● Directions
Starting with the first line of the data below, copy each line up to and including the one containing "# Units and contexts". Pictures stay out.

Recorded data

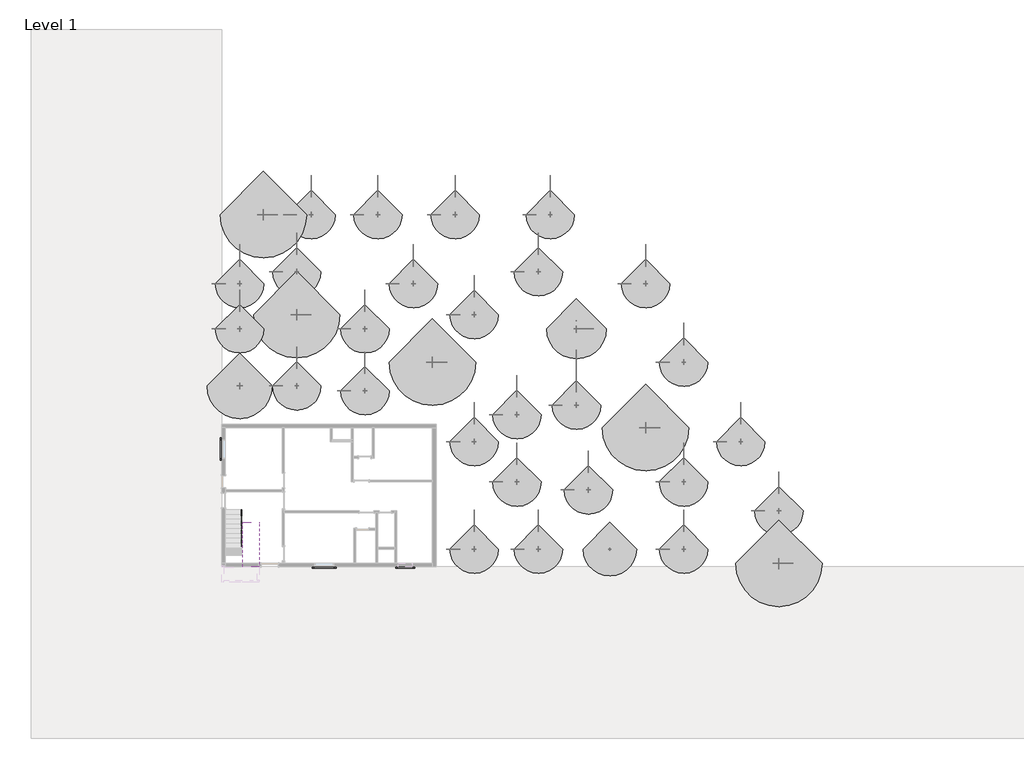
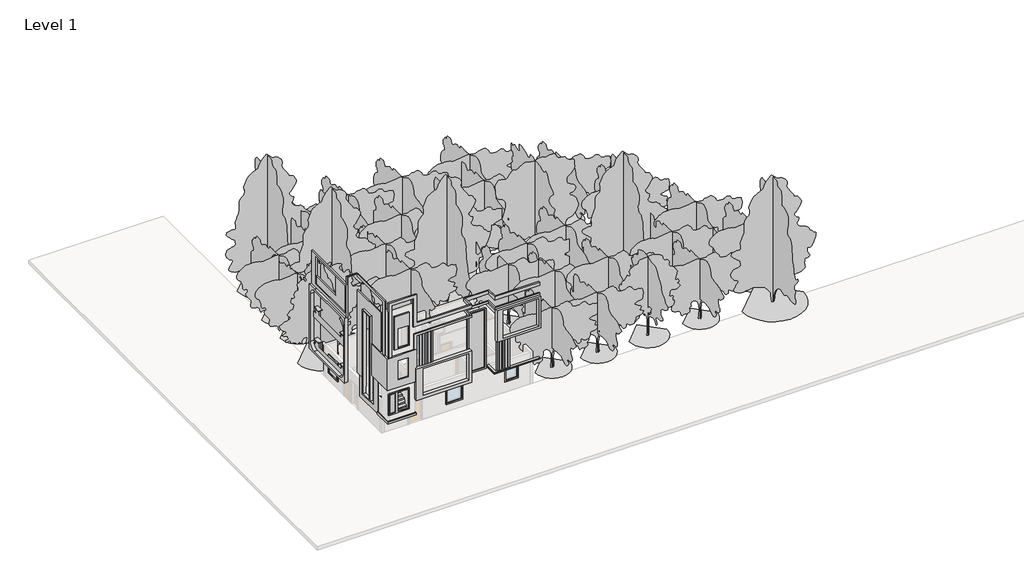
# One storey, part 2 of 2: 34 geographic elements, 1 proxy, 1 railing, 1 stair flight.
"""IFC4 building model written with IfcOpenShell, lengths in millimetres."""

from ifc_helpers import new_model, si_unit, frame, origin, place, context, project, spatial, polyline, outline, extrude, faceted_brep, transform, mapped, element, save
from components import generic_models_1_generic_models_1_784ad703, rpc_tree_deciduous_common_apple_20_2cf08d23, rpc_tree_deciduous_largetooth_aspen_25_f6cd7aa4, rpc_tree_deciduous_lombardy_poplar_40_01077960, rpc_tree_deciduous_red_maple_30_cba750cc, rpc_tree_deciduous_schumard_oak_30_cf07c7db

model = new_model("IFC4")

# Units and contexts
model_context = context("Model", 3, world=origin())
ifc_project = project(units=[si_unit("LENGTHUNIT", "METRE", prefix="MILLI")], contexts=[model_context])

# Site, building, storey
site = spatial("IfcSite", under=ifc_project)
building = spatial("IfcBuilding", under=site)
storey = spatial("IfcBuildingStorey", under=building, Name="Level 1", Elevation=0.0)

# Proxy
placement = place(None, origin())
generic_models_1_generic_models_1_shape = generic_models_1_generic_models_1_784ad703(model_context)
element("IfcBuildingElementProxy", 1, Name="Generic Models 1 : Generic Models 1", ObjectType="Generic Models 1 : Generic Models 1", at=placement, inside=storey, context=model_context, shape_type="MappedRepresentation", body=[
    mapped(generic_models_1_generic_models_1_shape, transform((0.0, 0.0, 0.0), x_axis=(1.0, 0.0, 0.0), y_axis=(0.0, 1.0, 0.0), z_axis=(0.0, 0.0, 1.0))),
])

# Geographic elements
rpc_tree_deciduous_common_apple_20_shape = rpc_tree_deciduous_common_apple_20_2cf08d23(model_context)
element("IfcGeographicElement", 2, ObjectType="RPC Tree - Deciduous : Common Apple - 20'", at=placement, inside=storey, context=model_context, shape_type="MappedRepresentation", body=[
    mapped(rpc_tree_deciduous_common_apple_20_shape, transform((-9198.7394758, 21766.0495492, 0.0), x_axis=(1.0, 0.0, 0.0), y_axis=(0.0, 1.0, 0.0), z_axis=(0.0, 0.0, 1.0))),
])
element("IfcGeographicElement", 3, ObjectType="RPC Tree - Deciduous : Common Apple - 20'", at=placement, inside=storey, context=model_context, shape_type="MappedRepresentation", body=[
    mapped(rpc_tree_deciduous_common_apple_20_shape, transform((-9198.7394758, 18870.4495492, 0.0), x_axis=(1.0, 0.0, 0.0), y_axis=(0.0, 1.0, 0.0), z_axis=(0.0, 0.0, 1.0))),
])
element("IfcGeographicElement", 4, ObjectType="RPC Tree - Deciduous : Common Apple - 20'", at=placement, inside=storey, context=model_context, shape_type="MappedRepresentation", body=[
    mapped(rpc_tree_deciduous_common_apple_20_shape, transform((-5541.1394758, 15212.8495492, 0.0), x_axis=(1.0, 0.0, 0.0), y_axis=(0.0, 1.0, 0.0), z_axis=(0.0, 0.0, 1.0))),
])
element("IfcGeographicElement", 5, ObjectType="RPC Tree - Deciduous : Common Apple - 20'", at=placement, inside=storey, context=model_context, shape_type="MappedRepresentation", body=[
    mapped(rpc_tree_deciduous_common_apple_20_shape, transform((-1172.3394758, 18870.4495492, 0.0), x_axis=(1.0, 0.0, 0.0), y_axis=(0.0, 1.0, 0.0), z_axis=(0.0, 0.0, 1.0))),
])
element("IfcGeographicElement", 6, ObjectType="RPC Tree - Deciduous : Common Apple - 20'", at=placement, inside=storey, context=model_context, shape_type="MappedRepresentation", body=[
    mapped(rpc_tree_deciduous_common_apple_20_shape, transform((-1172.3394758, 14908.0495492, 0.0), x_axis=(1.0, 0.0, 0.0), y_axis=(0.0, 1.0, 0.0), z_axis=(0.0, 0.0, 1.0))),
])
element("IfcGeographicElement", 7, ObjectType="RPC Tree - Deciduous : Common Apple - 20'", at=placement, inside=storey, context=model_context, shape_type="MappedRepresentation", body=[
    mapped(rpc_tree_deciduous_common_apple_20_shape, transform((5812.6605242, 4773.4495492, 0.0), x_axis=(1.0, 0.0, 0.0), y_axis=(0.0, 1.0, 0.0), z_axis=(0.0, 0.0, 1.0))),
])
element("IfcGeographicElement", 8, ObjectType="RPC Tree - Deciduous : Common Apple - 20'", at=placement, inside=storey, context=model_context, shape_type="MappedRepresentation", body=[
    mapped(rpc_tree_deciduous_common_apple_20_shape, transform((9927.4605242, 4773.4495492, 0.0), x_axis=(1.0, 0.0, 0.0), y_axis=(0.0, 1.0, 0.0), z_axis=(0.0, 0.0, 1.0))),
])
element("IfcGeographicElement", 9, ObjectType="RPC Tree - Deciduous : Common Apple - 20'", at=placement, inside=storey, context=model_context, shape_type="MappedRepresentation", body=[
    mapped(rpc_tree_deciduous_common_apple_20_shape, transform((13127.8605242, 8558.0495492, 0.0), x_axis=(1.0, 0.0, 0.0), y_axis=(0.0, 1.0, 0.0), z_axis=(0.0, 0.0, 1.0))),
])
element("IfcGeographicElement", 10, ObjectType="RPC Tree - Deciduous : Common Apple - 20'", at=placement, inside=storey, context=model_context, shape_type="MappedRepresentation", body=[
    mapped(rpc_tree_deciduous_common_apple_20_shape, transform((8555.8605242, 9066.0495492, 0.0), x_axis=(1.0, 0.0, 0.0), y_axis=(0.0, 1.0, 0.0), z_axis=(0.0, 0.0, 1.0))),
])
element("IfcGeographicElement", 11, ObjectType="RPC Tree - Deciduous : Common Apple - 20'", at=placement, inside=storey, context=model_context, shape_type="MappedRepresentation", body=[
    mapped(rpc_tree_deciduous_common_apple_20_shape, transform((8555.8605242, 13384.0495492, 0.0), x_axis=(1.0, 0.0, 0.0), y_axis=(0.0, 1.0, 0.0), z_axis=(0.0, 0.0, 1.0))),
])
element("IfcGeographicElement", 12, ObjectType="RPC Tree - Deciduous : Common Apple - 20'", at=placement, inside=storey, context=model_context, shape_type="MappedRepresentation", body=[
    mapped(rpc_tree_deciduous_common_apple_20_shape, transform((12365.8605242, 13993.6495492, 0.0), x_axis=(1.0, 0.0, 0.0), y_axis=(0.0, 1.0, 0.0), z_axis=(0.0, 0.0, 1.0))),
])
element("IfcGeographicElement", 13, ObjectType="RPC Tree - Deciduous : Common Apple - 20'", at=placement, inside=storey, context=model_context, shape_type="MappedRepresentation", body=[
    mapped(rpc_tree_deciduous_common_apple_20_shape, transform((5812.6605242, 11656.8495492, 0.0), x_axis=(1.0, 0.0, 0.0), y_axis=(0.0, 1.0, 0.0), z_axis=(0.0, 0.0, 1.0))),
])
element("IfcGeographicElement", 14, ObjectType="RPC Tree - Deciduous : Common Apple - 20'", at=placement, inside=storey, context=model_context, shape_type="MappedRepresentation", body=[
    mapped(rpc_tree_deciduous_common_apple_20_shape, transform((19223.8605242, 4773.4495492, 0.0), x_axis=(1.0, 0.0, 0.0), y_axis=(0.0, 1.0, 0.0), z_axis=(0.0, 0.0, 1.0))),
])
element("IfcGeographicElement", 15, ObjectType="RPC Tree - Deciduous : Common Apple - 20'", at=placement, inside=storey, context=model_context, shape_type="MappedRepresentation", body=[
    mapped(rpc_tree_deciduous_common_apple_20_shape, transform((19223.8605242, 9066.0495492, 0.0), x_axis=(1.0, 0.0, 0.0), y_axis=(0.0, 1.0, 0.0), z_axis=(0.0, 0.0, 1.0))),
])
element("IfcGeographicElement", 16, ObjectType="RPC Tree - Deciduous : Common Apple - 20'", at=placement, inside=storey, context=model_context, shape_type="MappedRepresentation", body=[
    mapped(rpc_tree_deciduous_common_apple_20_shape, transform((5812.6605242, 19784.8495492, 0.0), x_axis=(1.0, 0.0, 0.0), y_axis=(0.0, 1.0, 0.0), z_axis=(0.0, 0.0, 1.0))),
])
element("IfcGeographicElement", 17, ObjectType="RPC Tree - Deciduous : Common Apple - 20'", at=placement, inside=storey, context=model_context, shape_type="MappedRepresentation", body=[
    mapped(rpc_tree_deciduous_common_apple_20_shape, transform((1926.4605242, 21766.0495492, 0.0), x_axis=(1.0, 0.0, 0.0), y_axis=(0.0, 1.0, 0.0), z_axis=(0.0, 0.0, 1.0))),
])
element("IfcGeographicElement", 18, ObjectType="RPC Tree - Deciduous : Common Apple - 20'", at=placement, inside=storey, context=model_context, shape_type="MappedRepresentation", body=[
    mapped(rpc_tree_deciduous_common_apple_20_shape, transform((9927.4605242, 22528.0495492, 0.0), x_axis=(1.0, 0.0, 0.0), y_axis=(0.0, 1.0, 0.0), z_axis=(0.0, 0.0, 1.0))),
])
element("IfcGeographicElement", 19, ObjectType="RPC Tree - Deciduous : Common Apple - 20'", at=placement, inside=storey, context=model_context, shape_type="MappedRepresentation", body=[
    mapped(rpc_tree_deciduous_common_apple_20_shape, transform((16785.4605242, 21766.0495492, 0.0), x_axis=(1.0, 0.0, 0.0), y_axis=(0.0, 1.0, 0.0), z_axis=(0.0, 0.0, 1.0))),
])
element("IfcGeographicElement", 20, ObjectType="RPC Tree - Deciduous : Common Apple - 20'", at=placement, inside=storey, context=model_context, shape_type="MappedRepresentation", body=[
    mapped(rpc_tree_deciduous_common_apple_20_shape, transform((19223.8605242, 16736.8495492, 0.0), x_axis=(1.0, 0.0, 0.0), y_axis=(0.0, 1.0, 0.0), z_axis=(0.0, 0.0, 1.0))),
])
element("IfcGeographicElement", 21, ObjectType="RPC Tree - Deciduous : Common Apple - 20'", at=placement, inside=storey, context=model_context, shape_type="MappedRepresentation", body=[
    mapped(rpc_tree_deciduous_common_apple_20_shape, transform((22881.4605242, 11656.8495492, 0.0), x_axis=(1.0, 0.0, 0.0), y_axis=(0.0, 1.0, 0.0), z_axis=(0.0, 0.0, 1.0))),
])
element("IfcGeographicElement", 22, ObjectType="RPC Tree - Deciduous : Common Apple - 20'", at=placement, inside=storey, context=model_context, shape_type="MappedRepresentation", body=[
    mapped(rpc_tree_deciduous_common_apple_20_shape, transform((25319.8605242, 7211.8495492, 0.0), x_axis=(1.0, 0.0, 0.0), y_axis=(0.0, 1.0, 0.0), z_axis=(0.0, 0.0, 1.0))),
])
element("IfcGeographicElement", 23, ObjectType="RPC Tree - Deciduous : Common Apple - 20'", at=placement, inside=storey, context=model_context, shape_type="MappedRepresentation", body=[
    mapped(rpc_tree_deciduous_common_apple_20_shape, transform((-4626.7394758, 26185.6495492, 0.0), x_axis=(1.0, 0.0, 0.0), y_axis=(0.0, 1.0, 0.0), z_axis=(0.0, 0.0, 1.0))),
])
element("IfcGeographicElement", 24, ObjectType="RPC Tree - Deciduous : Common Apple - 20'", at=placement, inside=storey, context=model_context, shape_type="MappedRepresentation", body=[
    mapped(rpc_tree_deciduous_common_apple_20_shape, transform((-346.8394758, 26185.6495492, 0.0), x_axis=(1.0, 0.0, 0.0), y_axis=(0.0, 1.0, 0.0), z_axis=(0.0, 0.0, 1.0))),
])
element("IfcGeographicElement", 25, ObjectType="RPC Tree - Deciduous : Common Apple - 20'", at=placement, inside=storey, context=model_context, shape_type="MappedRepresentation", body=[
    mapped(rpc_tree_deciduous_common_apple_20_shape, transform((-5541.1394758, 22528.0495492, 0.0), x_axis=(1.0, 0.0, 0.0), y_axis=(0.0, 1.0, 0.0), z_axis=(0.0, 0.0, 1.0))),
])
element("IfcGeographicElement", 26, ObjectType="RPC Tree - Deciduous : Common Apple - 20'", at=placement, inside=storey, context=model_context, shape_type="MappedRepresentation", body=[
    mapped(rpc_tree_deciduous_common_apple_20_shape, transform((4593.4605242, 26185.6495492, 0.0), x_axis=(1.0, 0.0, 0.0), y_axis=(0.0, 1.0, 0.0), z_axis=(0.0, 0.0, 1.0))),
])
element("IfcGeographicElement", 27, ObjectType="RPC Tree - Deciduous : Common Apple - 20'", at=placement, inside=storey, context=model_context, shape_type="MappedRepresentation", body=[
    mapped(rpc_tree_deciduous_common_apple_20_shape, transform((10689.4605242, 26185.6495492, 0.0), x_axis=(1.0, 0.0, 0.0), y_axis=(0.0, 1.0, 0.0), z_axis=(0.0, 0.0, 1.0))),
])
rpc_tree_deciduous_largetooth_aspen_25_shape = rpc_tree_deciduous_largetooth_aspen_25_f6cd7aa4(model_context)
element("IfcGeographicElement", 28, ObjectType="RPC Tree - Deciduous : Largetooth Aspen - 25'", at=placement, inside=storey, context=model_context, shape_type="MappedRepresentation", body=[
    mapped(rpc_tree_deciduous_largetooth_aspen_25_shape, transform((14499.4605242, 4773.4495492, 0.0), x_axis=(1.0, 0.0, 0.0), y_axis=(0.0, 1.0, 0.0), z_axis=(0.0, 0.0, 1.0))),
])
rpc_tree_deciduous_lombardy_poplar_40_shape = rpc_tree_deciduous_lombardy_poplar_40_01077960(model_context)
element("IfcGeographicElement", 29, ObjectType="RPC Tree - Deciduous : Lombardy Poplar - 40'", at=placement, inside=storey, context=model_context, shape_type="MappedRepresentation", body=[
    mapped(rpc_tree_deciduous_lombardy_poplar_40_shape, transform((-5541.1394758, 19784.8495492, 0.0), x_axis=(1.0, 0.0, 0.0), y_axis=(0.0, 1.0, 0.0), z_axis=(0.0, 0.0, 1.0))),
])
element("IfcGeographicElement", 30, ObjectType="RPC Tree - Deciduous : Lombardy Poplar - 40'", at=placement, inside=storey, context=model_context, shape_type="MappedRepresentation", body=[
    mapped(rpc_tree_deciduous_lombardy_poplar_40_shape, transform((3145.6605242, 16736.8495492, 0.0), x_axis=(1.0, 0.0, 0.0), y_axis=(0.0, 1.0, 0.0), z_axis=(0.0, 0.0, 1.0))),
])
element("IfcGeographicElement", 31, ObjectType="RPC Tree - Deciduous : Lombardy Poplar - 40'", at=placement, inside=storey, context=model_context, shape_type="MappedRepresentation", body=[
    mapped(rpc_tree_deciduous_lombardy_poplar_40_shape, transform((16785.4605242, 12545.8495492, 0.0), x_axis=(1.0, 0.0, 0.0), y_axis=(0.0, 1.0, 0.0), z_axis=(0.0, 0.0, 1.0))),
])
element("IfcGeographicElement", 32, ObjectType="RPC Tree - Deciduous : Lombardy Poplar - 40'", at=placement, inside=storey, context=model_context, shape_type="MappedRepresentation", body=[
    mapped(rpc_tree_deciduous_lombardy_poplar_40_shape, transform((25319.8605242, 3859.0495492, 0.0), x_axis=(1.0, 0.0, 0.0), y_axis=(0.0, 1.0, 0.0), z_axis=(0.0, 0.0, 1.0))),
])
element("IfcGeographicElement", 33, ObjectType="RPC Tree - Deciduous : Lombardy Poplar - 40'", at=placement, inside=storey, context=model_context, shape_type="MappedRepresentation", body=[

● Worked solution
# One storey, part 2 of 2: 34 geographic elements, 1 proxy, 1 railing, 1 stair flight.
"""IFC4 building model written with IfcOpenShell, lengths in millimetres."""

from ifc_helpers import new_model, si_unit, frame, origin, place, context, project, spatial, polyline, outline, extrude, faceted_brep, transform, mapped, element, save
from components import generic_models_1_generic_models_1_784ad703, rpc_tree_deciduous_common_apple_20_2cf08d23, rpc_tree_deciduous_largetooth_aspen_25_f6cd7aa4, rpc_tree_deciduous_lombardy_poplar_40_01077960, rpc_tree_deciduous_red_maple_30_cba750cc, rpc_tree_deciduous_schumard_oak_30_cf07c7db

model = new_model("IFC4")

# Units and contexts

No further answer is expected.